## TASK STATEMENT
Across the entries below, tally every line that holds the string "units" and reply with the number only.

## Extracted data entries
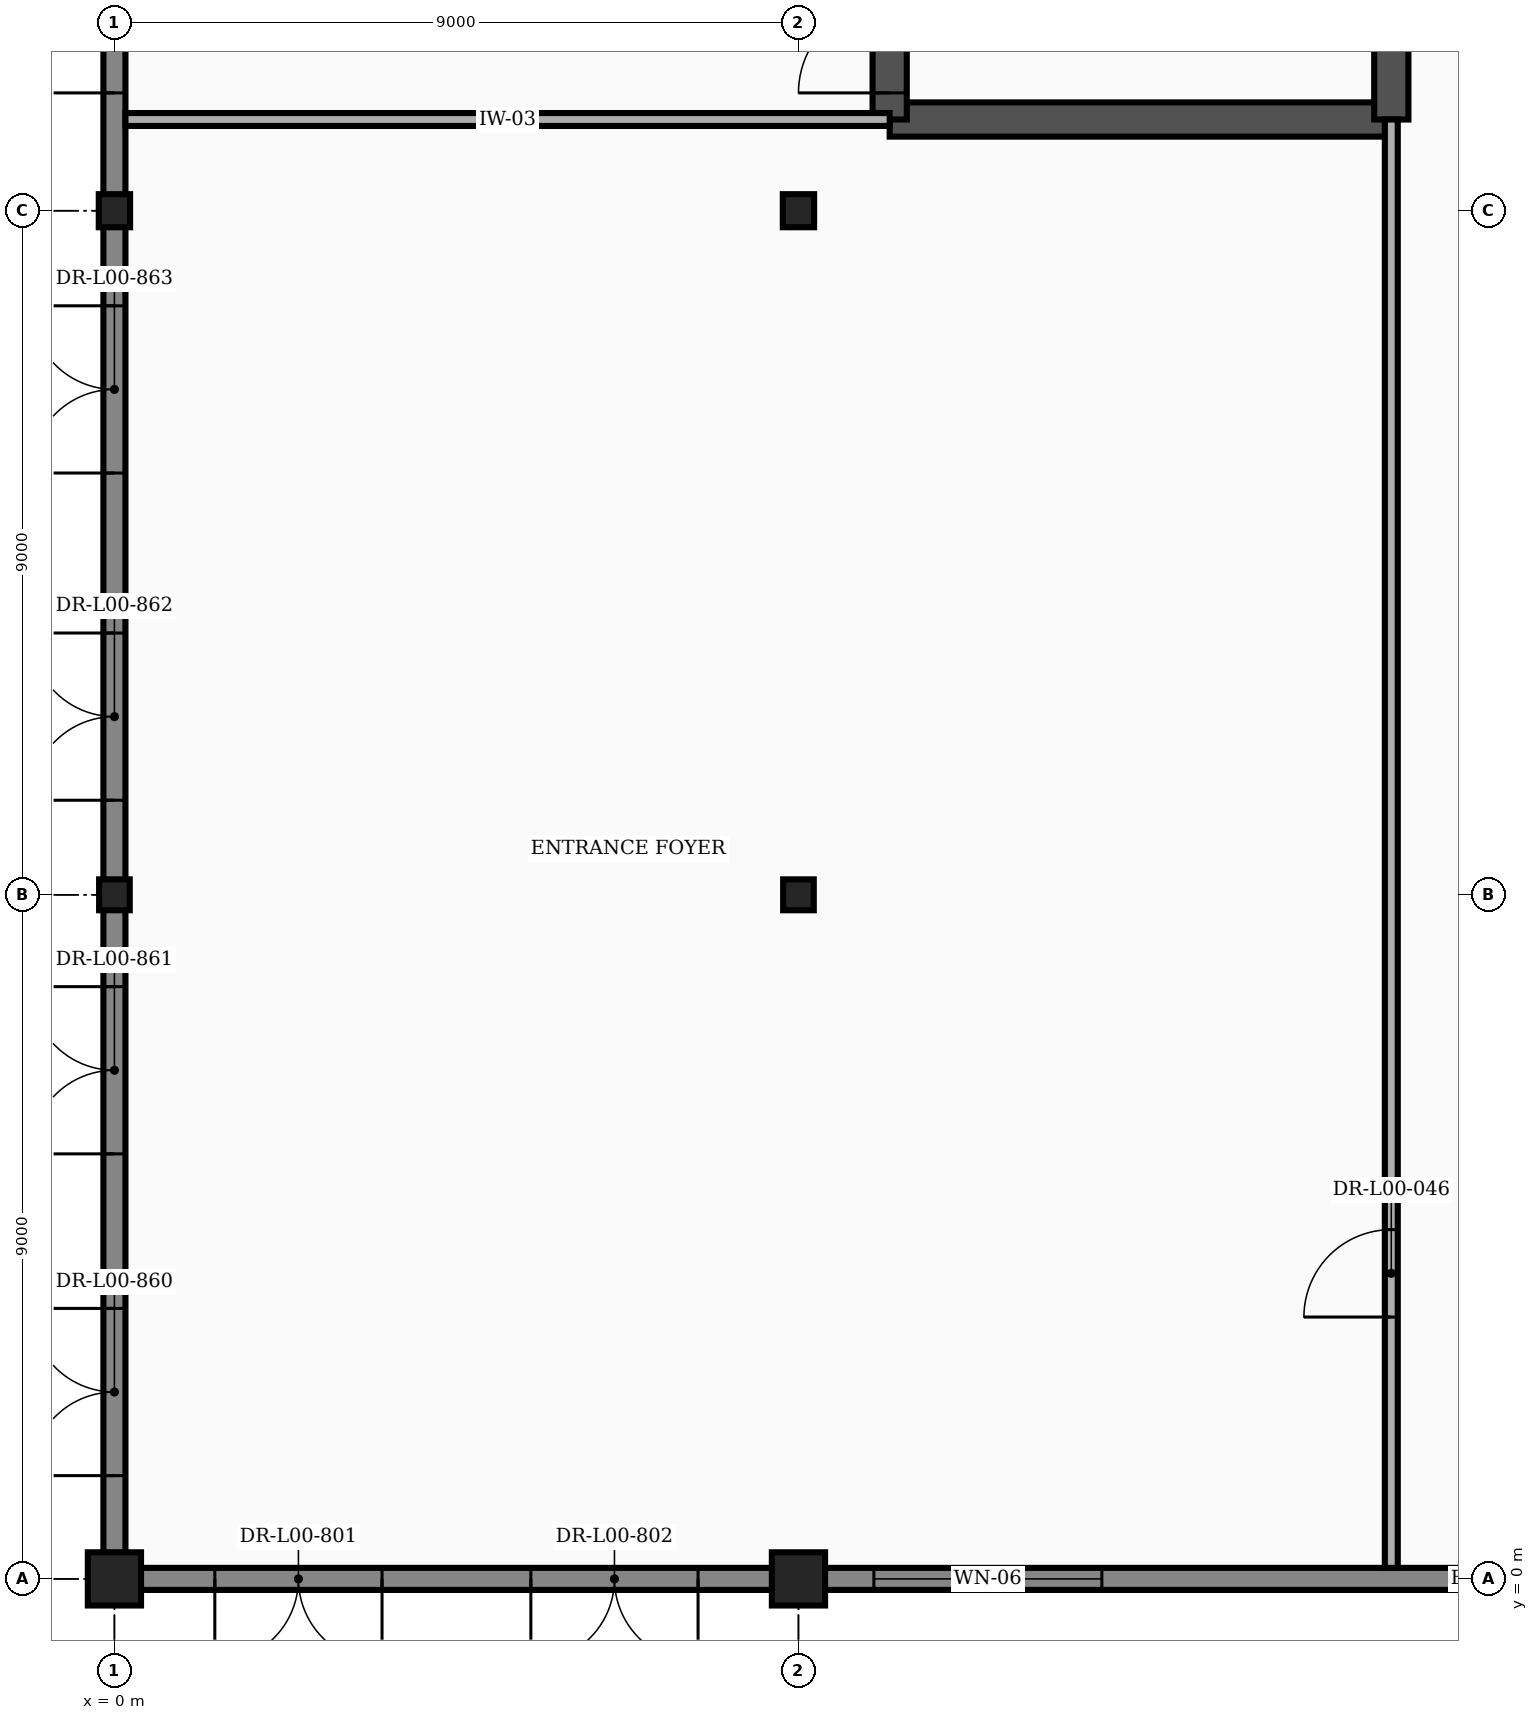
"""IFC4 building model, lengths in metres.
Left out: names, types, materials, properties, quantities, classifications, styles, units other than length and angle.
Written with IfcOpenShell. Run it as: python <this file> out.ifc"""

import sys

from ifc_helpers import new_model, si_unit, direction, frame, frame_2d, origin, origin_with_axes, origin_2d, place, context, subcontext, project, spatial, rectangle, i_section, extrude, element, fill, save


model = new_model("IFC4")
c1 = context("Model", 3, precision=1e-05, world=origin(), true_north=direction((0.0, 1.0)))
c2 = subcontext(c1, "Body", "Model", "MODEL_VIEW")
j1 = project(units=[si_unit("LENGTHUNIT", "METRE"), si_unit("PLANEANGLEUNIT", "RADIAN")], contexts=[c1])
p1 = place(None, origin())
s1 = spatial("IfcSite", under=j1, at=p1, CompositionType="ELEMENT")
p2 = place(p1, origin())
s2 = spatial("IfcBuilding", under=s1, at=p2, CompositionType="ELEMENT")
p3 = place(p2, origin())
s3 = spatial("IfcBuildingStorey", under=s2, at=p3, CompositionType="ELEMENT", Elevation=0.0)
p4 = place(p3, origin_with_axes())
e1 = element("IfcColumn", 1, at=p4, inside=s3, PredefinedType="COLUMN", context=c2, shape_type="SweptSolid", body=[
    extrude(rectangle(XDim=0.7, YDim=0.7, at=origin_2d()), origin(), (0.0, 0.0, 1.0), 6.0),
])
p5 = place(p3, frame((0.0, 9.0, 0.0), z_axis=(0.0, 0.0, 1.0), x_axis=(1.0, 0.0, 0.0)))
e2 = element("IfcColumn", 2, at=p5, inside=s3, PredefinedType="COLUMN", context=c2, shape_type="SweptSolid", body=[
    extrude(i_section(OverallWidth=0.403, OverallDepth=0.406, WebThickness=0.027, FlangeThickness=0.043, at=origin_2d()), origin(), (0.0, 0.0, 1.0), 6.0),
])
p6 = place(p3, frame((0.0, 18.0, 0.0), z_axis=(0.0, 0.0, 1.0), x_axis=(1.0, 0.0, 0.0)))
e3 = element("IfcColumn", 3, at=p6, inside=s3, PredefinedType="COLUMN", context=c2, shape_type="SweptSolid", body=[
    extrude(i_section(OverallWidth=0.412, OverallDepth=0.435, WebThickness=0.036, FlangeThickness=0.058, at=origin_2d()), origin(), (0.0, 0.0, 1.0), 6.0),
])
p7 = place(p3, frame((9.0, 0.0, 0.0), z_axis=(0.0, 0.0, 1.0), x_axis=(1.0, 0.0, 0.0)))
e4 = element("IfcColumn", 4, at=p7, inside=s3, PredefinedType="COLUMN", context=c2, shape_type="SweptSolid", body=[
    extrude(rectangle(XDim=0.7, YDim=0.7, at=origin_2d()), origin(), (0.0, 0.0, 1.0), 6.0),
])
p8 = place(p3, frame((9.0, 9.0, 0.0), z_axis=(0.0, 0.0, 1.0), x_axis=(1.0, 0.0, 0.0)))
e5 = element("IfcColumn", 5, at=p8, inside=s3, PredefinedType="COLUMN", context=c2, shape_type="SweptSolid", body=[
    extrude(i_section(OverallWidth=0.403, OverallDepth=0.406, WebThickness=0.027, FlangeThickness=0.043, at=origin_2d()), origin(), (0.0, 0.0, 1.0), 6.0),
])
p9 = place(p3, frame((9.0, 18.0, 0.0), z_axis=(0.0, 0.0, 1.0), x_axis=(1.0, 0.0, 0.0)))
e6 = element("IfcColumn", 6, at=p9, inside=s3, PredefinedType="COLUMN", context=c2, shape_type="SweptSolid", body=[
    extrude(i_section(OverallWidth=0.412, OverallDepth=0.435, WebThickness=0.036, FlangeThickness=0.058, at=origin_2d()), origin(), (0.0, 0.0, 1.0), 6.0),
])
p10 = place(p3, frame((0.342, 0.0, 0.0), z_axis=(0.0, 0.0, 1.0), x_axis=(1.0, 0.0, 0.0)))
e7 = element("IfcWall", 7, at=p10, inside=s3, PredefinedType="STANDARD", context=c2, shape_type="SweptSolid", body=[
    extrude(rectangle(XDim=8.316, YDim=0.29, at=frame_2d((4.158, 0.0))), origin(), (0.0, 0.0, 1.0), 5.138),
])
p11 = place(p10, frame((0.979, 0.0, 0.0)))
e8 = element("IfcOpeningElement", 8, at=p11, cuts=e7, PredefinedType="OPENING", context=c2, shape_type="SweptSolid", body=[
    extrude(rectangle(XDim=2.2, YDim=2.4, at=frame_2d((1.1, 1.2))), frame((0.0, 0.157, 0.0), z_axis=(0.0, -1.0, 0.0), x_axis=(1.0, 0.0, 0.0)), (0.0, 0.0, 1.0), 0.314),
])
p12 = place(p10, frame((5.137, 0.0, 0.0)))
e9 = element("IfcOpeningElement", 9, at=p12, cuts=e7, PredefinedType="OPENING", context=c2, shape_type="SweptSolid", body=[
    extrude(rectangle(XDim=2.2, YDim=2.4, at=frame_2d((1.1, 1.2))), frame((0.0, 0.157, 0.0), z_axis=(0.0, -1.0, 0.0), x_axis=(1.0, 0.0, 0.0)), (0.0, 0.0, 1.0), 0.314),
])
p13 = place(p3, frame((9.342, 0.0, 0.0), z_axis=(0.0, 0.0, 1.0), x_axis=(1.0, 0.0, 0.0)))
e10 = element("IfcWall", 10, at=p13, inside=s3, PredefinedType="STANDARD", context=c2, shape_type="SweptSolid", body=[
    extrude(rectangle(XDim=17.316, YDim=0.29, at=frame_2d((8.658, 0.0))), origin(), (0.0, 0.0, 1.0), 4.988),
])
p14 = place(p13, frame((11.458, 0.0, 0.0)))
e11 = element("IfcOpeningElement", 11, at=p14, cuts=e10, PredefinedType="OPENING", context=c2, shape_type="SweptSolid", body=[
    extrude(rectangle(XDim=1.2, YDim=2.2, at=frame_2d((0.6, 1.1))), frame((0.0, 0.157, 0.0), z_axis=(0.0, -1.0, 0.0), x_axis=(1.0, 0.0, 0.0)), (0.0, 0.0, 1.0), 0.314),
])
p15 = place(p13, frame((14.358, 0.0, 0.0)))
e12 = element("IfcOpeningElement", 12, at=p15, cuts=e10, PredefinedType="OPENING", context=c2, shape_type="SweptSolid", body=[
    extrude(rectangle(XDim=2.4, YDim=2.4, at=frame_2d((1.2, 1.2))), frame((0.0, 0.157, 0.0), z_axis=(0.0, -1.0, 0.0), x_axis=(1.0, 0.0, 0.0)), (0.0, 0.0, 1.0), 0.314),
])
p16 = place(p13, frame((0.65, 0.0, 0.85)))
e13 = element("IfcOpeningElement", 13, at=p16, cuts=e10, PredefinedType="OPENING", context=c2, shape_type="SweptSolid", body=[
    extrude(rectangle(XDim=3.0, YDim=2.6, at=frame_2d((1.5, 1.3))), frame((0.0, 0.157, 0.0), z_axis=(0.0, -1.0, 0.0), x_axis=(1.0, 0.0, 0.0)), (0.0, 0.0, 1.0), 0.314),
])
p17 = place(p3, frame((0.0, 0.342, 0.0), z_axis=(0.0, 0.0, 1.0), x_axis=(0.0, 1.0, 0.0)))
e14 = element("IfcWall", 14, at=p17, inside=s3, PredefinedType="STANDARD", context=c2, shape_type="SweptSolid", body=[
    extrude(rectangle(XDim=8.466, YDim=0.29, at=frame_2d((4.233, 0.0))), origin(), (0.0, 0.0, 1.0), 5.217),
])
p18 = place(p17, frame((1.017, 0.0, 0.0)))
e15 = element("IfcOpeningElement", 15, at=p18, cuts=e14, PredefinedType="OPENING", context=c2, shape_type="SweptSolid", body=[
    extrude(rectangle(XDim=2.2, YDim=2.4, at=frame_2d((1.1, 1.2))), frame((0.0, 0.157, 0.0), z_axis=(0.0, -1.0, 0.0), x_axis=(1.0, 0.0, 0.0)), (0.0, 0.0, 1.0), 0.314),
])
p19 = place(p17, frame((5.25, 0.0, 0.0)))
e16 = element("IfcOpeningElement", 16, at=p19, cuts=e14, PredefinedType="OPENING", context=c2, shape_type="SweptSolid", body=[
    extrude(rectangle(XDim=2.2, YDim=2.4, at=frame_2d((1.1, 1.2))), frame((0.0, 0.157, 0.0), z_axis=(0.0, -1.0, 0.0), x_axis=(1.0, 0.0, 0.0)), (0.0, 0.0, 1.0), 0.314),
])
p20 = place(p3, frame((0.0, 9.192, 0.0), z_axis=(0.0, 0.0, 1.0), x_axis=(0.0, 1.0, 0.0)))
e17 = element("IfcWall", 17, at=p20, inside=s3, PredefinedType="STANDARD", context=c2, shape_type="SweptSolid", body=[
    extrude(rectangle(XDim=8.61, YDim=0.29, at=frame_2d((4.305, 0.0))), origin(), (0.0, 0.0, 1.0), 5.217),
])
p21 = place(p20, frame((1.052, 0.0, 0.0)))
e18 = element("IfcOpeningElement", 18, at=p21, cuts=e17, PredefinedType="OPENING", context=c2, shape_type="SweptSolid", body=[
    extrude(rectangle(XDim=2.2, YDim=2.4, at=frame_2d((1.1, 1.2))), frame((0.0, 0.157, 0.0), z_axis=(0.0, -1.0, 0.0), x_axis=(1.0, 0.0, 0.0)), (0.0, 0.0, 1.0), 0.314),
])
p22 = place(p20, frame((5.357, 0.0, 0.0)))
e19 = element("IfcOpeningElement", 19, at=p22, cuts=e17, PredefinedType="OPENING", context=c2, shape_type="SweptSolid", body=[
    extrude(rectangle(XDim=2.2, YDim=2.4, at=frame_2d((1.1, 1.2))), frame((0.0, 0.157, 0.0), z_axis=(0.0, -1.0, 0.0), x_axis=(1.0, 0.0, 0.0)), (0.0, 0.0, 1.0), 0.314),
])
p23 = place(p3, frame((0.0, 18.198, 0.0), z_axis=(0.0, 0.0, 1.0), x_axis=(0.0, 1.0, 0.0)))
e20 = element("IfcWall", 20, at=p23, inside=s3, PredefinedType="STANDARD", context=c2, shape_type="SweptSolid", body=[
    extrude(rectangle(XDim=17.603, YDim=0.29, at=frame_2d((8.802, 0.0))), origin(), (0.0, 0.0, 1.0), 5.066),
])
p24 = place(p23, frame((1.352, 0.0, 0.0)))
e21 = element("IfcOpeningElement", 21, at=p24, cuts=e20, PredefinedType="OPENING", context=c2, shape_type="SweptSolid", body=[
    extrude(rectangle(XDim=3.5, YDim=2.4, at=frame_2d((1.75, 1.2))), frame((0.0, 0.157, 0.0), z_axis=(0.0, -1.0, 0.0), x_axis=(1.0, 0.0, 0.0)), (0.0, 0.0, 1.0), 0.314),
])
p25 = place(p23, frame((7.302, 0.0, 0.85)))
e22 = element("IfcOpeningElement", 22, at=p25, cuts=e20, PredefinedType="OPENING", context=c2, shape_type="SweptSolid", body=[
    extrude(rectangle(XDim=3.0, YDim=2.6, at=frame_2d((1.5, 1.3))), frame((0.0, 0.157, 0.0), z_axis=(0.0, -1.0, 0.0), x_axis=(1.0, 0.0, 0.0)), (0.0, 0.0, 1.0), 0.314),
])
p26 = place(p3, frame((10.2, 19.2, 0.0), z_axis=(0.0, 0.0, 1.0), x_axis=(1.0, 0.0, 0.0)))
e23 = element("IfcWall", 23, at=p26, inside=s3, PredefinedType="SHEAR", context=c2, shape_type="SweptSolid", body=[
    extrude(rectangle(XDim=6.6, YDim=0.45, at=frame_2d((3.3, 0.0))), origin(), (0.0, 0.0, 1.0), 5.75),
])
p27 = place(p3, frame((10.2, 19.2, 0.0), z_axis=(0.0, 0.0, 1.0), x_axis=(0.0, 1.0, 0.0)))
e24 = element("IfcWall", 24, at=p27, inside=s3, PredefinedType="SHEAR", context=c2, shape_type="SweptSolid", body=[
    extrude(rectangle(XDim=15.6, YDim=0.45, at=frame_2d((7.8, 0.0))), origin(), (0.0, 0.0, 1.0), 5.75),
])
p28 = place(p27, frame((0.35, 0.0, 0.0)))
e25 = element("IfcOpeningElement", 25, at=p28, cuts=e24, PredefinedType="OPENING", context=c2, shape_type="SweptSolid", body=[
    extrude(rectangle(XDim=2.4, YDim=2.25, at=frame_2d((1.2, 1.125))), frame((0.0, 0.237, 0.0), z_axis=(0.0, -1.0, 0.0), x_axis=(1.0, 0.0, 0.0)), (0.0, 0.0, 1.0), 0.474),
])
p29 = place(p3, frame((16.8, 19.2, 0.0), z_axis=(0.0, 0.0, 1.0), x_axis=(0.0, 1.0, 0.0)))
e26 = element("IfcWall", 26, at=p29, inside=s3, PredefinedType="SHEAR", context=c2, shape_type="SweptSolid", body=[
    extrude(rectangle(XDim=9.585, YDim=0.45, at=frame_2d((4.792, 0.0))), origin(), (0.0, 0.0, 1.0), 5.75),
])
p30 = place(p3, frame((0.145, 19.2, 0.0), z_axis=(0.0, 0.0, 1.0), x_axis=(1.0, 0.0, 0.0)))
e27 = element("IfcWall", 27, at=p30, inside=s3, PredefinedType="PARTITIONING", context=c2, shape_type="SweptSolid", body=[
    extrude(rectangle(XDim=10.055, YDim=0.17, at=frame_2d((5.027, 0.0))), origin(), (0.0, 0.0, 1.0), 5.75),
])
p31 = place(p3, frame((16.8, 0.145, 0.0), z_axis=(0.0, 0.0, 1.0), x_axis=(0.0, 1.0, 0.0)))
e28 = element("IfcWall", 28, at=p31, inside=s3, PredefinedType="PARTITIONING", context=c2, shape_type="SweptSolid", body=[
    extrude(rectangle(XDim=19.055, YDim=0.17, at=frame_2d((9.527, 0.0))), origin(), (0.0, 0.0, 1.0), 5.75),
])
p32 = place(p31, frame((3.3, 0.0, 0.0)))
e29 = element("IfcOpeningElement", 29, at=p32, cuts=e28, PredefinedType="OPENING", context=c2, shape_type="SweptSolid", body=[
    extrude(rectangle(XDim=1.15, YDim=2.15, at=frame_2d((0.575, 1.075))), frame((0.0, 0.097, 0.0), z_axis=(0.0, -1.0, 0.0), x_axis=(1.0, 0.0, 0.0)), (0.0, 0.0, 1.0), 0.194),
])
p33 = place(p11, frame((2.2, 0.0, 0.0), z_axis=(0.0, 0.0, 1.0), x_axis=(-1.0, 0.0, 0.0)))
e30 = element("IfcDoor", 30, at=p33, inside=s3, OperationType="DOUBLE_DOOR_SINGLE_SWING", PredefinedType="DOOR", context=c2, shape_type="SweptSolid", body=[
    extrude(rectangle(XDim=2.2, YDim=2.4, at=frame_2d((1.1, 1.2))), frame((0.0, 0.025, 0.0), z_axis=(0.0, -1.0, 0.0), x_axis=(1.0, 0.0, 0.0)), (0.0, 0.0, 1.0), 0.05),
])
fill(e8, e30)
p34 = place(p12, frame((2.2, 0.0, 0.0), z_axis=(0.0, 0.0, 1.0), x_axis=(-1.0, 0.0, 0.0)))
e31 = element("IfcDoor", 31, at=p34, inside=s3, OperationType="DOUBLE_DOOR_SINGLE_SWING", PredefinedType="DOOR", context=c2, shape_type="SweptSolid", body=[
    extrude(rectangle(XDim=2.2, YDim=2.4, at=frame_2d((1.1, 1.2))), frame((0.0, 0.025, 0.0), z_axis=(0.0, -1.0, 0.0), x_axis=(1.0, 0.0, 0.0)), (0.0, 0.0, 1.0), 0.05),
])
fill(e9, e31)
p35 = place(p16, origin())
e32 = element("IfcWindow", 32, at=p35, inside=s3, PartitioningType="SINGLE_PANEL", PredefinedType="WINDOW", context=c2, shape_type="SweptSolid", body=[
    extrude(rectangle(XDim=3.0, YDim=2.6, at=frame_2d((1.5, 1.3))), frame((0.0, 0.03, 0.0), z_axis=(0.0, -1.0, 0.0), x_axis=(1.0, 0.0, 0.0)), (0.0, 0.0, 1.0), 0.06),
])
fill(e13, e32)
p36 = place(p18, origin())
e33 = element("IfcDoor", 33, at=p36, inside=s3, OperationType="DOUBLE_DOOR_SINGLE_SWING", PredefinedType="DOOR", context=c2, shape_type="SweptSolid", body=[
    extrude(rectangle(XDim=2.2, YDim=2.4, at=frame_2d((1.1, 1.2))), frame((0.0, 0.025, 0.0), z_axis=(0.0, -1.0, 0.0), x_axis=(1.0, 0.0, 0.0)), (0.0, 0.0, 1.0), 0.05),
])
fill(e15, e33)
p37 = place(p19, origin())
e34 = element("IfcDoor", 34, at=p37, inside=s3, OperationType="DOUBLE_DOOR_SINGLE_SWING", PredefinedType="DOOR", context=c2, shape_type="SweptSolid", body=[
    extrude(rectangle(XDim=2.2, YDim=2.4, at=frame_2d((1.1, 1.2))), frame((0.0, 0.025, 0.0), z_axis=(0.0, -1.0, 0.0), x_axis=(1.0, 0.0, 0.0)), (0.0, 0.0, 1.0), 0.05),
])
fill(e16, e34)
p38 = place(p21, origin())
e35 = element("IfcDoor", 35, at=p38, inside=s3, OperationType="DOUBLE_DOOR_SINGLE_SWING", PredefinedType="DOOR", context=c2, shape_type="SweptSolid", body=[
    extrude(rectangle(XDim=2.2, YDim=2.4, at=frame_2d((1.1, 1.2))), frame((0.0, 0.025, 0.0), z_axis=(0.0, -1.0, 0.0), x_axis=(1.0, 0.0, 0.0)), (0.0, 0.0, 1.0), 0.05),
])
fill(e18, e35)
p39 = place(p22, origin())
e36 = element("IfcDoor", 36, at=p39, inside=s3, OperationType="DOUBLE_DOOR_SINGLE_SWING", PredefinedType="DOOR", context=c2, shape_type="SweptSolid", body=[
    extrude(rectangle(XDim=2.2, YDim=2.4, at=frame_2d((1.1, 1.2))), frame((0.0, 0.025, 0.0), z_axis=(0.0, -1.0, 0.0), x_axis=(1.0, 0.0, 0.0)), (0.0, 0.0, 1.0), 0.05),
])
fill(e19, e36)
p40 = place(p24, origin())
e37 = element("IfcDoor", 37, at=p40, inside=s3, OperationType="DOUBLE_DOOR_SINGLE_SWING", PredefinedType="DOOR", context=c2, shape_type="SweptSolid", body=[
    extrude(rectangle(XDim=3.5, YDim=2.4, at=frame_2d((1.75, 1.2))), frame((0.0, 0.025, 0.0), z_axis=(0.0, -1.0, 0.0), x_axis=(1.0, 0.0, 0.0)), (0.0, 0.0, 1.0), 0.05),
])
fill(e21, e37)
p41 = place(p28, origin())
e38 = element("IfcDoor", 38, at=p41, inside=s3, OperationType="DOUBLE_DOOR_SINGLE_SWING", PredefinedType="DOOR", context=c2, shape_type="SweptSolid", body=[
    extrude(rectangle(XDim=2.4, YDim=2.25, at=frame_2d((1.2, 1.125))), frame((0.0, 0.025, 0.0), z_axis=(0.0, -1.0, 0.0), x_axis=(1.0, 0.0, 0.0)), (0.0, 0.0, 1.0), 0.05),
])
fill(e25, e38)
p42 = place(p32, origin())
e39 = element("IfcDoor", 39, at=p42, inside=s3, OperationType="SINGLE_SWING_LEFT", PredefinedType="DOOR", context=c2, shape_type="SweptSolid", body=[
    extrude(rectangle(XDim=1.15, YDim=2.15, at=frame_2d((0.575, 1.075))), frame((0.0, 0.025, 0.0), z_axis=(0.0, -1.0, 0.0), x_axis=(1.0, 0.0, 0.0)), (0.0, 0.0, 1.0), 0.05),
])
fill(e29, e39)
save(model, sys.argv[1])

## TASK OUTPUT
2